(Task requirements) Extract the text of every entry below exactly; leave images out.

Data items

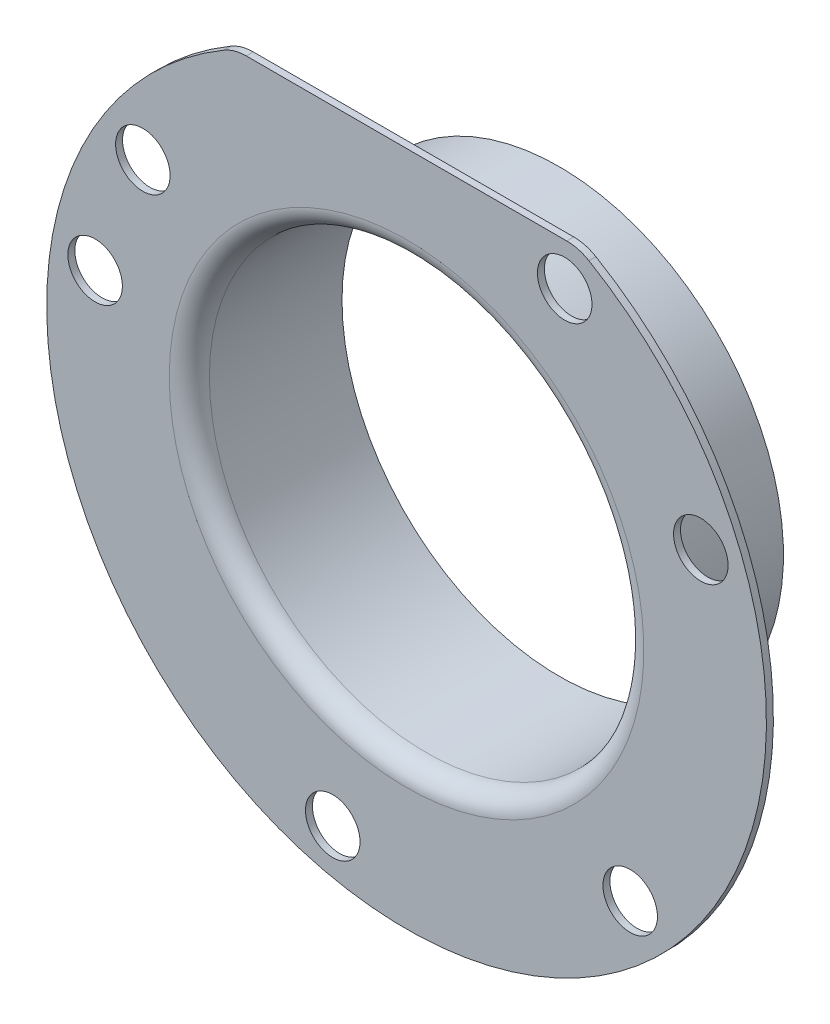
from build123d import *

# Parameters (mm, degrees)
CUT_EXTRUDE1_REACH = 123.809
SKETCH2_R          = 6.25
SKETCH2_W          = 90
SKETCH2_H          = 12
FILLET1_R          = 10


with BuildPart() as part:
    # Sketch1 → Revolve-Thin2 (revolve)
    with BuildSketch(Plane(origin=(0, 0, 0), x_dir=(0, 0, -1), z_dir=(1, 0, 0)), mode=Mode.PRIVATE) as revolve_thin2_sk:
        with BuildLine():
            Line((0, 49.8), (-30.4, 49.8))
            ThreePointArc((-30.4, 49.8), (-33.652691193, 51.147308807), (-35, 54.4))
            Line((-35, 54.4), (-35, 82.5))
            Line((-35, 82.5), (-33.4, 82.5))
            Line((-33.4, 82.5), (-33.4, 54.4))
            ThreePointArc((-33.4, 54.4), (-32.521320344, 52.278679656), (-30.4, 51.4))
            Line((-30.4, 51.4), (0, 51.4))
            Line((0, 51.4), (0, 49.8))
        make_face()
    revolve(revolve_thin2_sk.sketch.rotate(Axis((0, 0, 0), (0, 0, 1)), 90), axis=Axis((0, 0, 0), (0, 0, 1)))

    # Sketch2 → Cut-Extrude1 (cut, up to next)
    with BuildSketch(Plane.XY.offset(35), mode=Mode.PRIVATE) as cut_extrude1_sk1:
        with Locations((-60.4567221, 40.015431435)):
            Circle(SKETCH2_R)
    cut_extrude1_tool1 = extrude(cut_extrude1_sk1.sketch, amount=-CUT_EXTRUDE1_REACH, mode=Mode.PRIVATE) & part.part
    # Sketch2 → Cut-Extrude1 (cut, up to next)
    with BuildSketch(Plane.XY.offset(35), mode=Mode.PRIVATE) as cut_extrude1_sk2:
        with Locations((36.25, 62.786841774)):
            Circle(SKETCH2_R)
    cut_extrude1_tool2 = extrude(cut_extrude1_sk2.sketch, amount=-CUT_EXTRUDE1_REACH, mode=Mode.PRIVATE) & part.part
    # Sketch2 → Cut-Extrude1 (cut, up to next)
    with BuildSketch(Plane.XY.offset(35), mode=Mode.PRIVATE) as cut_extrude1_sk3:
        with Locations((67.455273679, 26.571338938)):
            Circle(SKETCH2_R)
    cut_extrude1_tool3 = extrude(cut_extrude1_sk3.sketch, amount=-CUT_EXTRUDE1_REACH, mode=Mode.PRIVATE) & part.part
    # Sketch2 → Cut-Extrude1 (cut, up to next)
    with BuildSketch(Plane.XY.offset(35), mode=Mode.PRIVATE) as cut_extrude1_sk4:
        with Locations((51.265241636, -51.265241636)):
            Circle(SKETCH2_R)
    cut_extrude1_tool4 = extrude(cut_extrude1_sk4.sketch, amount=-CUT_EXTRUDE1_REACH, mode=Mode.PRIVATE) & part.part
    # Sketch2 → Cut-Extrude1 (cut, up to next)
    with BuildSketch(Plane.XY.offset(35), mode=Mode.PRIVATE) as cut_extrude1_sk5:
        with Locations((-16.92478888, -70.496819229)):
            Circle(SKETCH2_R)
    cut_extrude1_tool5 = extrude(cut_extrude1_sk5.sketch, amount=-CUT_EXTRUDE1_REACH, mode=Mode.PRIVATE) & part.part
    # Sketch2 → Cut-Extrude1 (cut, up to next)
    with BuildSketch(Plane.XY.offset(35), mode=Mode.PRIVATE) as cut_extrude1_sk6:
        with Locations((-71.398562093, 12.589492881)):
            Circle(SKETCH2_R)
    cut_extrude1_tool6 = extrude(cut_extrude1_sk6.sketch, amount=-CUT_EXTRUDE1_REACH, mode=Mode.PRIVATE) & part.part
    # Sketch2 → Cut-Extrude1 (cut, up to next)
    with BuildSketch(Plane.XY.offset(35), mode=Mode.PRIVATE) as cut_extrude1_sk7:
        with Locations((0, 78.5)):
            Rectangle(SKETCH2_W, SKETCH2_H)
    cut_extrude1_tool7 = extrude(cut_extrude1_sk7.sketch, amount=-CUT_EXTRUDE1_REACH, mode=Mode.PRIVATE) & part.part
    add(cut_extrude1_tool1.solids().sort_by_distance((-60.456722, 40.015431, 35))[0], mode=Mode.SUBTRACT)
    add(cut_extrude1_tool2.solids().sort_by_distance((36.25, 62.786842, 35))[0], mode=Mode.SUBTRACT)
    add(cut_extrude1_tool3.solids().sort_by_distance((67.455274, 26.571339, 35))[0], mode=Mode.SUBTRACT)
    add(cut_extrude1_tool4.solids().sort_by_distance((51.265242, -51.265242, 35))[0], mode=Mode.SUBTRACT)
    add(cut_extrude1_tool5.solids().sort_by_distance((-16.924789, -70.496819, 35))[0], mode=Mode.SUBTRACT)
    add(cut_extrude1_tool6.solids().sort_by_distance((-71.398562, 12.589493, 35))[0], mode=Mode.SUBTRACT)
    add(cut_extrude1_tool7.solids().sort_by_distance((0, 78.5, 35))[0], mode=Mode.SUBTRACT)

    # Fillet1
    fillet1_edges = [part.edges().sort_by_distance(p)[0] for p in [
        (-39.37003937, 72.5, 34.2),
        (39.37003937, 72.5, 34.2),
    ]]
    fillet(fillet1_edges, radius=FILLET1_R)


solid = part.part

(Result below)
from build123d import *

# Parameters (mm, degrees)
CUT_EXTRUDE1_REACH = 123.809
SKETCH2_R          = 6.25
SKETCH2_W          = 90
SKETCH2_H          = 12
FILLET1_R          = 10


with BuildPart() as part:
    # Sketch1 → Revolve-Thin2 (revolve)
    with BuildSketch(Plane(origin=(0, 0, 0), x_dir=(0, 0, -1), z_dir=(1, 0, 0)), mode=Mode.PRIVATE) as revolve_thin2_sk:
        with BuildLine():
            Line((0, 49.8), (-30.4, 49.8))
            ThreePointArc((-30.4, 49.8), (-33.652691193, 51.147308807), (-35, 54.4))
            Line((-35, 54.4), (-35, 82.5))
            Line((-35, 82.5), (-33.4, 82.5))
            Line((-33.4, 82.5), (-33.4, 54.4))
            ThreePointArc((-33.4, 54.4), (-32.521320344, 52.278679656), (-30.4, 51.4))
            Line((-30.4, 51.4), (0, 51.4))
            Line((0, 51.4), (0, 49.8))
        make_face()
    revolve(revolve_thin2_sk.sketch.rotate(Axis((0, 0, 0), (0, 0, 1)), 90), axis=Axis((0, 0, 0), (0, 0, 1)))

    # Sketch2 → Cut-Extrude1 (cut, up to next)
    with BuildSketch(Plane.XY.offset(35), mode=Mode.PRIVATE) as cut_extrude1_sk1:
        with Locations((-60.4567221, 40.015431435)):
            Circle(SKETCH2_R)
    cut_extrude1_tool1 = extrude(cut_extrude1_sk1.sketch, amount=-CUT_EXTRUDE1_REACH, mode=Mode.PRIVATE) & part.part
    # Sketch2 → Cut-Extrude1 (cut, up to next)
    with BuildSketch(Plane.XY.offset(35), mode=Mode.PRIVATE) as cut_extrude1_sk2:
        with Locations((36.25, 62.786841774)):
            Circle(SKETCH2_R)
    cut_extrude1_tool2 = extrude(cut_extrude1_sk2.sketch, amount=-CUT_EXTRUDE1_REACH, mode=Mode.PRIVATE) & part.part
    # Sketch2 → Cut-Extrude1 (cut, up to next)
    with BuildSketch(Plane.XY.offset(35), mode=Mode.PRIVATE) as cut_extrude1_sk3:
        with Locations((67.455273679, 26.571338938)):
            Circle(SKETCH2_R)
    cut_extrude1_tool3 = extrude(cut_extrude1_sk3.sketch, amount=-CUT_EXTRUDE1_REACH, mode=Mode.PRIVATE) & part.part
    # Sketch2 → Cut-Extrude1 (cut, up to next)
    with BuildSketch(Plane.XY.offset(35), mode=Mode.PRIVATE) as cut_extrude1_sk4:
        with Locations((51.265241636, -51.265241636)):
            Circle(SKETCH2_R)
    cut_extrude1_tool4 = extrude(cut_extrude1_sk4.sketch, amount=-CUT_EXTRUDE1_REACH, mode=Mode.PRIVATE) & part.part
    # Sketch2 → Cut-Extrude1 (cut, up to next)
    with BuildSketch(Plane.XY.offset(35), mode=Mode.PRIVATE) as cut_extrude1_sk5:
        with Locations((-16.92478888, -70.496819229)):
            Circle(SKETCH2_R)
    cut_extrude1_tool5 = extrude(cut_extrude1_sk5.sketch, amount=-CUT_EXTRUDE1_REACH, mode=Mode.PRIVATE) & part.part
    # Sketch2 → Cut-Extrude1 (cut, up to next)
    with BuildSketch(Plane.XY.offset(35), mode=Mode.PRIVATE) as cut_extrude1_sk6:
        with Locations((-71.398562093, 12.589492881)):
            Circle(SKETCH2_R)
    cut_extrude1_tool6 = extrude(cut_extrude1_sk6.sketch, amount=-CUT_EXTRUDE1_REACH, mode=Mode.PRIVATE) & part.part
    # Sketch2 → Cut-Extrude1 (cut, up to next)
    with BuildSketch(Plane.XY.offset(35), mode=Mode.PRIVATE) as cut_extrude1_sk7:
        with Locations((0, 78.5)):
            Rectangle(SKETCH2_W, SKETCH2_H)
    cut_extrude1_tool7 = extrude(cut_extrude1_sk7.sketch, amount=-CUT_EXTRUDE1_REACH, mode=Mode.PRIVATE) & part.part
    add(cut_extrude1_tool1.solids().sort_by_distance((-60.456722, 40.015431, 35))[0], mode=Mode.SUBTRACT)
    add(cut_extrude1_tool2.solids().sort_by_distance((36.25, 62.786842, 35))[0], mode=Mode.SUBTRACT)
    add(cut_extrude1_tool3.solids().sort_by_distance((67.455274, 26.571339, 35))[0], mode=Mode.SUBTRACT)
    add(cut_extrude1_tool4.solids().sort_by_distance((51.265242, -51.265242, 35))[0], mode=Mode.SUBTRACT)
    add(cut_extrude1_tool5.solids().sort_by_distance((-16.924789, -70.496819, 35))[0], mode=Mode.SUBTRACT)
    add(cut_extrude1_tool6.solids().sort_by_distance((-71.398562, 12.589493, 35))[0], mode=Mode.SUBTRACT)
    add(cut_extrude1_tool7.solids().sort_by_distance((0, 78.5, 35))[0], mode=Mode.SUBTRACT)

    # Fillet1
    fillet1_edges = [part.edges().sort_by_distance(p)[0] for p in [
        (-39.37003937, 72.5, 34.2),
        (39.37003937, 72.5, 34.2),
    ]]
    fillet(fillet1_edges, radius=FILLET1_R)


solid = part.part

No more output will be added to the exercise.